Below are the records. State how many of their lines contain "subcontext", with nothing else.

[Dataset entries]

+++++

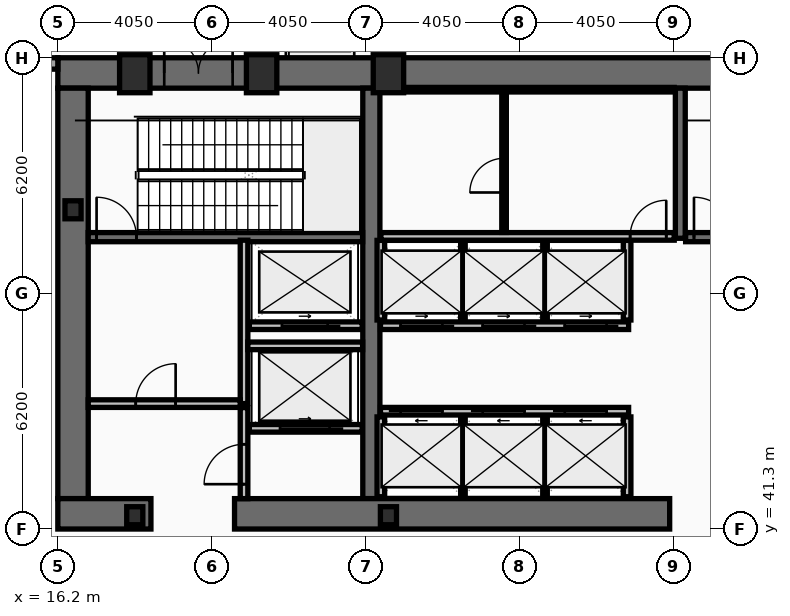
"""IFC4 building model, lengths in metres.
Left out: names, types, materials, properties, quantities, classifications, styles, units other than length and angle.
Written with IfcOpenShell. Run it as: python <this file> out.ifc"""

import sys

from ifc_helpers import new_model, si_unit, direction, frame, frame_2d, origin, origin_2d, place, context, subcontext, project, spatial, rectangle, hollow_rectangle, i_section, extrude, element, fill, save


model = new_model("IFC4")
c1 = context("Model", 3, precision=1e-05, world=origin(), true_north=direction((0.0, 1.0)))
c2 = subcontext(c1, "Body", "Model", "MODEL_VIEW")
j1 = project(units=[si_unit("LENGTHUNIT", "METRE"), si_unit("PLANEANGLEUNIT", "RADIAN")], contexts=[c1])
p1 = place(None, origin())
s1 = spatial("IfcSite", under=j1, at=p1, CompositionType="ELEMENT")
p2 = place(p1, origin())
s2 = spatial("IfcBuilding", under=s1, at=p2, CompositionType="ELEMENT")
p3 = place(p2, origin())
s3 = spatial("IfcBuildingStorey", under=s2, at=p3, CompositionType="ELEMENT", Elevation=0.0)
p4 = place(p3, frame((16.2, 53.3, 0.0), z_axis=(0.0, 0.0, 1.0), x_axis=(1.0, 0.0, 0.0)))
e1 = element("IfcWall", 1, at=p4, inside=s3, PredefinedType="SHEAR", context=c2, shape_type="SweptSolid", body=[
    extrude(rectangle(XDim=40.5, YDim=0.8, at=frame_2d((20.25, 0.0))), origin(), (0.0, 0.0, 1.0), 5.2),
])
p5 = place(p4, frame((2.8, 0.0, 0.0)))
e2 = element("IfcOpeningElement", 2, at=p5, cuts=e1, PredefinedType="OPENING", context=c2, shape_type="SweptSolid", body=[
    extrude(rectangle(XDim=1.8, YDim=2.4, at=frame_2d((0.9, 1.2))), frame((0.0, 0.41, 0.0), z_axis=(0.0, -1.0, 0.0), x_axis=(1.0, 0.0, 0.0)), (0.0, 0.0, 1.0), 0.82),
])
p6 = place(p4, frame((19.3, 0.0, 0.0)))
e3 = element("IfcOpeningElement", 3, at=p6, cuts=e1, PredefinedType="OPENING", context=c2, shape_type="SweptSolid", body=[
    extrude(rectangle(XDim=1.8, YDim=2.4, at=frame_2d((0.9, 1.2))), frame((0.0, 0.41, 0.0), z_axis=(0.0, -1.0, 0.0), x_axis=(1.0, 0.0, 0.0)), (0.0, 0.0, 1.0), 0.82),
])
p7 = place(p4, frame((35.9, 0.0, 0.0)))
e4 = element("IfcOpeningElement", 4, at=p7, cuts=e1, PredefinedType="OPENING", context=c2, shape_type="SweptSolid", body=[
    extrude(rectangle(XDim=1.8, YDim=2.4, at=frame_2d((0.9, 1.2))), frame((0.0, 0.41, 0.0), z_axis=(0.0, -1.0, 0.0), x_axis=(1.0, 0.0, 0.0)), (0.0, 0.0, 1.0), 0.82),
])
p8 = place(p3, frame((16.6, 42.1, 0.0), z_axis=(0.0, 0.0, 1.0), x_axis=(0.0, 1.0, 0.0)))
e5 = element("IfcWall", 5, at=p8, inside=s3, PredefinedType="SHEAR", context=c2, shape_type="SweptSolid", body=[
    extrude(rectangle(XDim=10.8, YDim=0.8, at=frame_2d((5.4, 0.0))), origin(), (0.0, 0.0, 1.0), 5.2),
])
p9 = place(p3, frame((24.45, 42.1, 0.0), z_axis=(0.0, 0.0, 1.0), x_axis=(0.0, 1.0, 0.0)))
e6 = element("IfcWall", 6, at=p9, inside=s3, PredefinedType="SHEAR", context=c2, shape_type="SweptSolid", body=[
    extrude(rectangle(XDim=10.8, YDim=0.45, at=frame_2d((5.4, 0.0))), origin(), (0.0, 0.0, 1.0), 5.2),
])
p10 = place(p3, frame((18.65, 41.7, 0.0), z_axis=(0.0, 0.0, 1.0), x_axis=(-1.0, 0.0, 0.0)))
e7 = element("IfcWall", 7, at=p10, inside=s3, PredefinedType="SHEAR", context=c2, shape_type="SweptSolid", body=[
    extrude(rectangle(XDim=2.45, YDim=0.8, at=frame_2d((1.225, 0.0))), origin(), (0.0, 0.0, 1.0), 5.2),
])
p11 = place(p3, frame((32.3, 41.7, 0.0), z_axis=(0.0, 0.0, 1.0), x_axis=(-1.0, 0.0, 0.0)))
e8 = element("IfcWall", 8, at=p11, inside=s3, PredefinedType="SHEAR", context=c2, shape_type="SweptSolid", body=[
    extrude(rectangle(XDim=11.45, YDim=0.8, at=frame_2d((5.725, 0.0))), origin(), (0.0, 0.0, 1.0), 5.2),
])
p12 = place(p3, frame((32.58, 48.95, 0.0), z_axis=(0.0, 0.0, 1.0), x_axis=(0.0, 1.0, 0.0)))
e9 = element("IfcWall", 9, at=p12, inside=s3, PredefinedType="SHEAR", context=c2, shape_type="SweptSolid", body=[
    extrude(rectangle(XDim=3.95, YDim=0.26, at=frame_2d((1.975, 0.0))), origin(), (0.0, 0.0, 1.0), 5.2),
])
p13 = place(p3, frame((17.0, 48.98, 0.0), z_axis=(0.0, 0.0, 1.0), x_axis=(1.0, 0.0, 0.0)))
e10 = element("IfcWall", 10, at=p13, inside=s3, PredefinedType="SHEAR", context=c2, shape_type="SweptSolid", body=[
    extrude(rectangle(XDim=7.22, YDim=0.24, at=frame_2d((3.61, 0.0))), origin(), (0.0, 0.0, 1.0), 5.2),
])
p14 = place(p13, frame((0.22, 0.0, 0.0)))
e11 = element("IfcOpeningElement", 11, at=p14, cuts=e10, PredefinedType="OPENING", context=c2, shape_type="SweptSolid", body=[
    extrude(rectangle(XDim=1.05, YDim=2.15, at=frame_2d((0.525, 1.075))), frame((0.0, 0.13, 0.0), z_axis=(0.0, -1.0, 0.0), x_axis=(1.0, 0.0, 0.0)), (0.0, 0.0, 1.0), 0.26),
])
p15 = place(p3, frame((32.72, 48.98, 0.0), z_axis=(0.0, 0.0, 1.0), x_axis=(1.0, 0.0, 0.0)))
e12 = element("IfcWall", 12, at=p15, inside=s3, PredefinedType="SHEAR", context=c2, shape_type="SweptSolid", body=[
    extrude(rectangle(XDim=7.56, YDim=0.24, at=frame_2d((3.78, 0.0))), origin(), (0.0, 0.0, 1.0), 5.2),
])
p16 = place(p15, frame((0.22, 0.0, 0.0)))
e13 = element("IfcOpeningElement", 13, at=p16, cuts=e12, PredefinedType="OPENING", context=c2, shape_type="SweptSolid", body=[
    extrude(rectangle(XDim=1.05, YDim=2.15, at=frame_2d((0.525, 1.075))), frame((0.0, 0.13, 0.0), z_axis=(0.0, -1.0, 0.0), x_axis=(1.0, 0.0, 0.0)), (0.0, 0.0, 1.0), 0.26),
])
for number, where, z_axis, x_axis in (
    (14, (18.225, 53.28, 0.0), (0.0, 0.0, 1.0), (1.0, 0.0, 0.0)),
    (15, (21.562, 53.28, 0.0), (0.0, 0.0, 1.0), (1.0, 0.0, 0.0)),
    (16, (24.9, 53.28, 0.0), (0.0, 0.0, 1.0), (1.0, 0.0, 0.0)),
):
    element("IfcColumn", number, at=place(p3, frame(where, z_axis=z_axis, x_axis=x_axis)), inside=s3, PredefinedType="COLUMN", context=c2, shape_type="SweptSolid", body=[
        extrude(hollow_rectangle(XDim=0.8, YDim=1.0, WallThickness=0.055, at=origin_2d()), origin(), (0.0, 0.0, 1.0), 5.4),
    ])
for number, where, z_axis, x_axis in (
    (17, (16.6, 49.7, 0.0), (0.0, 0.0, 1.0), (1.0, 0.0, 0.0)),
    (18, (18.225, 41.65, 0.0), (0.0, 0.0, 1.0), (1.0, 0.0, 0.0)),
    (19, (24.9, 41.65, 0.0), (0.0, 0.0, 1.0), (1.0, 0.0, 0.0)),
):
    element("IfcColumn", number, at=place(p3, frame(where, z_axis=z_axis, x_axis=x_axis)), inside=s3, PredefinedType="COLUMN", context=c2, shape_type="SweptSolid", body=[
        extrude(i_section(OverallWidth=0.424, OverallDepth=0.474, WebThickness=0.048, FlangeThickness=0.077, at=origin_2d()), origin(), (0.0, 0.0, 1.0), 5.4),
    ])
p17 = place(p3, frame((3.875, 53.55, 0.0), z_axis=(0.0, 0.0, 1.0), x_axis=(1.0, 0.0, 0.0)))
e20 = element("IfcWall", 20, at=p17, inside=s3, PredefinedType="SOLIDWALL", context=c2, shape_type="SweptSolid", body=[
    extrude(rectangle(XDim=12.325, YDim=0.3, at=frame_2d((6.163, 0.0))), origin(), (0.0, 0.0, 1.0), 4.54),
])
p18 = place(p17, frame((8.675, 0.0, 0.0)))
e21 = element("IfcOpeningElement", 21, at=p18, cuts=e20, PredefinedType="OPENING", context=c2, shape_type="SweptSolid", body=[
    extrude(rectangle(XDim=1.8, YDim=2.4, at=frame_2d((0.9, 1.2))), frame((0.0, 0.16, 0.0), z_axis=(0.0, -1.0, 0.0), x_axis=(1.0, 0.0, 0.0)), (0.0, 0.0, 1.0), 0.32),
])
p19 = place(p17, frame((2.475, 0.0, 1.0)))
e22 = element("IfcOpeningElement", 22, at=p19, cuts=e20, PredefinedType="OPENING", context=c2, shape_type="SweptSolid", body=[
    extrude(rectangle(XDim=1.2, YDim=2.8, at=frame_2d((0.6, 1.4))), frame((0.0, 0.16, 0.0), z_axis=(0.0, -1.0, 0.0), x_axis=(1.0, 0.0, 0.0)), (0.0, 0.0, 1.0), 0.32),
])
p20 = place(p3, frame((24.69, 44.4, 0.0), z_axis=(0.0, 0.0, 1.0), x_axis=(1.0, 0.0, 0.0)))
e23 = element("IfcWall", 23, at=p20, inside=s3, PredefinedType="PARTITIONING", context=c2, shape_type="SweptSolid", body=[
    extrude(rectangle(XDim=6.53, YDim=0.2, at=frame_2d((3.265, 0.0))), origin(), (0.0, 0.0, 1.0), 5.2),
])
p21 = place(p20, frame((0.53, 0.0, 0.0)))
e24 = element("IfcOpeningElement", 24, at=p21, cuts=e23, PredefinedType="OPENING", context=c2, shape_type="SweptSolid", body=[
    extrude(rectangle(XDim=1.1, YDim=2.18, at=frame_2d((0.55, 1.09))), frame((0.0, 0.11, 0.0), z_axis=(0.0, -1.0, 0.0), x_axis=(1.0, 0.0, 0.0)), (0.0, 0.0, 1.0), 0.22),
])
p22 = place(p20, frame((2.69, 0.0, 0.0)))
e25 = element("IfcOpeningElement", 25, at=p22, cuts=e23, PredefinedType="OPENING", context=c2, shape_type="SweptSolid", body=[
    extrude(rectangle(XDim=1.1, YDim=2.18, at=frame_2d((0.55, 1.09))), frame((0.0, 0.11, 0.0), z_axis=(0.0, -1.0, 0.0), x_axis=(1.0, 0.0, 0.0)), (0.0, 0.0, 1.0), 0.22),
])
p23 = place(p20, frame((4.85, 0.0, 0.0)))
e26 = element("IfcOpeningElement", 26, at=p23, cuts=e23, PredefinedType="OPENING", context=c2, shape_type="SweptSolid", body=[
    extrude(rectangle(XDim=1.1, YDim=2.18, at=frame_2d((0.55, 1.09))), frame((0.0, 0.11, 0.0), z_axis=(0.0, -1.0, 0.0), x_axis=(1.0, 0.0, 0.0)), (0.0, 0.0, 1.0), 0.22),
])
p24 = place(p3, frame((24.21, 43.95, 0.0), z_axis=(0.0, 0.0, 1.0), x_axis=(-1.0, 0.0, 0.0)))
e27 = element("IfcWall", 27, at=p24, inside=s3, PredefinedType="PARTITIONING", context=c2, shape_type="SweptSolid", body=[
    extrude(rectangle(XDim=2.97, YDim=0.2, at=frame_2d((1.485, 0.0))), origin(), (0.0, 0.0, 1.0), 5.2),
])
p25 = place(p24, frame((0.86, 0.0, 0.0)))
e28 = element("IfcOpeningElement", 28, at=p25, cuts=e27, PredefinedType="OPENING", context=c2, shape_type="SweptSolid", body=[
    extrude(rectangle(XDim=1.3, YDim=2.18, at=frame_2d((0.65, 1.09))), frame((0.0, 0.11, 0.0), z_axis=(0.0, -1.0, 0.0), x_axis=(1.0, 0.0, 0.0)), (0.0, 0.0, 1.0), 0.22),
])
p26 = place(p3, frame((24.21, 46.65, 0.0), z_axis=(0.0, 0.0, 1.0), x_axis=(-1.0, 0.0, 0.0)))
e29 = element("IfcWall", 29, at=p26, inside=s3, PredefinedType="PARTITIONING", context=c2, shape_type="SweptSolid", body=[
    extrude(rectangle(XDim=2.97, YDim=0.2, at=frame_2d((1.485, 0.0))), origin(), (0.0, 0.0, 1.0), 5.2),
])
p27 = place(p26, frame((0.91, 0.0, 0.0)))
e30 = element("IfcOpeningElement", 30, at=p27, cuts=e29, PredefinedType="OPENING", context=c2, shape_type="SweptSolid", body=[
    extrude(rectangle(XDim=1.2, YDim=2.18, at=frame_2d((0.6, 1.09))), frame((0.0, 0.11, 0.0), z_axis=(0.0, -1.0, 0.0), x_axis=(1.0, 0.0, 0.0)), (0.0, 0.0, 1.0), 0.22),
])
p28 = place(p3, frame((31.22, 46.65, 0.0), z_axis=(0.0, 0.0, 1.0), x_axis=(-1.0, 0.0, 0.0)))
e31 = element("IfcWall", 31, at=p28, inside=s3, PredefinedType="PARTITIONING", context=c2, shape_type="SweptSolid", body=[
    extrude(rectangle(XDim=6.53, YDim=0.2, at=frame_2d((3.265, 0.0))), origin(), (0.0, 0.0, 1.0), 5.2),
])
p29 = place(p28, frame((4.9, 0.0, 0.0)))
e32 = element("IfcOpeningElement", 32, at=p29, cuts=e31, PredefinedType="OPENING", context=c2, shape_type="SweptSolid", body=[
    extrude(rectangle(XDim=1.1, YDim=2.18, at=frame_2d((0.55, 1.09))), frame((0.0, 0.11, 0.0), z_axis=(0.0, -1.0, 0.0), x_axis=(1.0, 0.0, 0.0)), (0.0, 0.0, 1.0), 0.22),
])
p30 = place(p28, frame((2.74, 0.0, 0.0)))
e33 = element("IfcOpeningElement", 33, at=p30, cuts=e31, PredefinedType="OPENING", context=c2, shape_type="SweptSolid", body=[
    extrude(rectangle(XDim=1.1, YDim=2.18, at=frame_2d((0.55, 1.09))), frame((0.0, 0.11, 0.0), z_axis=(0.0, -1.0, 0.0), x_axis=(1.0, 0.0, 0.0)), (0.0, 0.0, 1.0), 0.22),
])
p31 = place(p28, frame((0.58, 0.0, 0.0)))
e34 = element("IfcOpeningElement", 34, at=p31, cuts=e31, PredefinedType="OPENING", context=c2, shape_type="SweptSolid", body=[
    extrude(rectangle(XDim=1.1, YDim=2.18, at=frame_2d((0.55, 1.09))), frame((0.0, 0.11, 0.0), z_axis=(0.0, -1.0, 0.0), x_axis=(1.0, 0.0, 0.0)), (0.0, 0.0, 1.0), 0.22),
])
p32 = place(p3, frame((21.1, 44.6, 0.0), z_axis=(0.0, 0.0, 1.0), x_axis=(0.0, 1.0, 0.0)))
e35 = element("IfcWall", 35, at=p32, inside=s3, PredefinedType="PARTITIONING", context=c2, shape_type="SweptSolid", body=[
    extrude(rectangle(XDim=4.3, YDim=0.2, at=frame_2d((2.15, 0.0))), origin(), (0.0, 0.0, 1.0), 5.2),
])
p33 = place(p3, frame((17.0, 44.6, 0.0), z_axis=(0.0, 0.0, 1.0), x_axis=(1.0, 0.0, 0.0)))
e36 = element("IfcWall", 36, at=p33, inside=s3, PredefinedType="PARTITIONING", context=c2, shape_type="SweptSolid", body=[
    extrude(rectangle(XDim=4.0, YDim=0.2, at=frame_2d((2.0, 0.0))), origin(), (0.0, 0.0, 1.0), 5.2),
])
p34 = place(p33, frame((1.25, 0.0, 0.0)))
e37 = element("IfcOpeningElement", 37, at=p34, cuts=e36, PredefinedType="OPENING", context=c2, shape_type="SweptSolid", body=[
    extrude(rectangle(XDim=1.05, YDim=2.15, at=frame_2d((0.525, 1.075))), frame((0.0, 0.11, 0.0), z_axis=(0.0, -1.0, 0.0), x_axis=(1.0, 0.0, 0.0)), (0.0, 0.0, 1.0), 0.22),
])
p35 = place(p3, frame((21.2, 46.12, 0.0), z_axis=(0.0, 0.0, 1.0), x_axis=(1.0, 0.0, 0.0)))
e38 = element("IfcWall", 38, at=p35, inside=s3, PredefinedType="PARTITIONING", context=c2, shape_type="SweptSolid", body=[
    extrude(rectangle(XDim=3.02, YDim=0.2, at=frame_2d((1.51, 0.0))), origin(), (0.0, 0.0, 1.0), 5.2),
])
p36 = place(p3, frame((21.1, 42.1, 0.0), z_axis=(0.0, 0.0, 1.0), x_axis=(0.0, 1.0, 0.0)))
e39 = element("IfcWall", 39, at=p36, inside=s3, PredefinedType="PARTITIONING", context=c2, shape_type="SweptSolid", body=[
    extrude(rectangle(XDim=2.395, YDim=0.2, at=frame_2d((1.198, 0.0))), origin(), (0.0, 0.0, 1.0), 5.2),
])
p37 = place(p36, frame((0.38, 0.0, 0.0)))
e40 = element("IfcOpeningElement", 40, at=p37, cuts=e39, PredefinedType="OPENING", context=c2, shape_type="SweptSolid", body=[
    extrude(rectangle(XDim=1.05, YDim=2.15, at=frame_2d((0.525, 1.075))), frame((0.0, 0.11, 0.0), z_axis=(0.0, -1.0, 0.0), x_axis=(1.0, 0.0, 0.0)), (0.0, 0.0, 1.0), 0.22),
])
for number, where, z_axis, x_axis in (
    (41, (24.7, 46.8, 0.0), (0.0, 0.0, 1.0), (0.0, 1.0, 0.0)),
    (42, (31.18, 46.8, 0.0), (0.0, 0.0, 1.0), (0.0, 1.0, 0.0)),
):
    element("IfcWall", number, at=place(p3, frame(where, z_axis=z_axis, x_axis=x_axis)), inside=s3, PredefinedType="PARTITIONING", context=c2, shape_type="SweptSolid", body=[
        extrude(rectangle(XDim=2.095, YDim=0.2, at=frame_2d((1.047, 0.0))), origin(), (0.0, 0.0, 1.0), 5.2),
    ])
for number, where, z_axis, x_axis in (
    (43, (26.86, 46.8, 0.0), (0.0, 0.0, 1.0), (0.0, 1.0, 0.0)),
    (44, (29.02, 46.8, 0.0), (0.0, 0.0, 1.0), (0.0, 1.0, 0.0)),
):
    element("IfcWall", number, at=place(p3, frame(where, z_axis=z_axis, x_axis=x_axis)), inside=s3, PredefinedType="PARTITIONING", context=c2, shape_type="SweptSolid", body=[
        extrude(rectangle(XDim=2.095, YDim=0.12, at=frame_2d((1.047, 0.0))), origin(), (0.0, 0.0, 1.0), 5.2),
    ])
for number, where, z_axis, x_axis in (
    (45, (24.7, 42.15, 0.0), (0.0, 0.0, 1.0), (0.0, 1.0, 0.0)),
    (46, (31.18, 42.15, 0.0), (0.0, 0.0, 1.0), (0.0, 1.0, 0.0)),
):
    element("IfcWall", number, at=place(p3, frame(where, z_axis=z_axis, x_axis=x_axis)), inside=s3, PredefinedType="PARTITIONING", context=c2, shape_type="SweptSolid", body=[
        extrude(rectangle(XDim=2.1, YDim=0.2, at=frame_2d((1.05, 0.0))), origin(), (0.0, 0.0, 1.0), 5.2),
    ])
for number, where, z_axis, x_axis in (
    (47, (26.86, 42.15, 0.0), (0.0, 0.0, 1.0), (0.0, 1.0, 0.0)),
    (48, (29.02, 42.15, 0.0), (0.0, 0.0, 1.0), (0.0, 1.0, 0.0)),
):
    element("IfcWall", number, at=place(p3, frame(where, z_axis=z_axis, x_axis=x_axis)), inside=s3, PredefinedType="PARTITIONING", context=c2, shape_type="SweptSolid", body=[
        extrude(rectangle(XDim=2.1, YDim=0.12, at=frame_2d((1.05, 0.0))), origin(), (0.0, 0.0, 1.0), 5.2),
    ])
p38 = place(p3, frame((24.7, 52.86, 0.0), z_axis=(0.0, 0.0, 1.0), x_axis=(1.0, 0.0, 0.0)))
e49 = element("IfcWall", 49, at=p38, inside=s3, PredefinedType="PARTITIONING", context=c2, shape_type="SweptSolid", body=[
    extrude(rectangle(XDim=7.72, YDim=0.12, at=frame_2d((3.86, 0.0))), origin(), (0.0, 0.0, 1.0), 5.2),
])
p39 = place(p3, frame((24.7, 49.0, 0.0), z_axis=(0.0, 0.0, 1.0), x_axis=(1.0, 0.0, 0.0)))
e50 = element("IfcWall", 50, at=p39, inside=s3, PredefinedType="PARTITIONING", context=c2, shape_type="SweptSolid", body=[
    extrude(rectangle(XDim=7.72, YDim=0.2, at=frame_2d((3.86, 0.0))), origin(), (0.0, 0.0, 1.0), 5.2),
])
p40 = place(p39, frame((6.56, 0.0, 0.0)))
e51 = element("IfcOpeningElement", 51, at=p40, cuts=e50, PredefinedType="OPENING", context=c2, shape_type="SweptSolid", body=[
    extrude(rectangle(XDim=0.95, YDim=2.1, at=frame_2d((0.475, 1.05))), frame((0.0, 0.11, 0.0), z_axis=(0.0, -1.0, 0.0), x_axis=(1.0, 0.0, 0.0)), (0.0, 0.0, 1.0), 0.22),
])
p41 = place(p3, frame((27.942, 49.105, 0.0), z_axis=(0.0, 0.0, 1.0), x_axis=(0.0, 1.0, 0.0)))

+++++

__Written answer__
2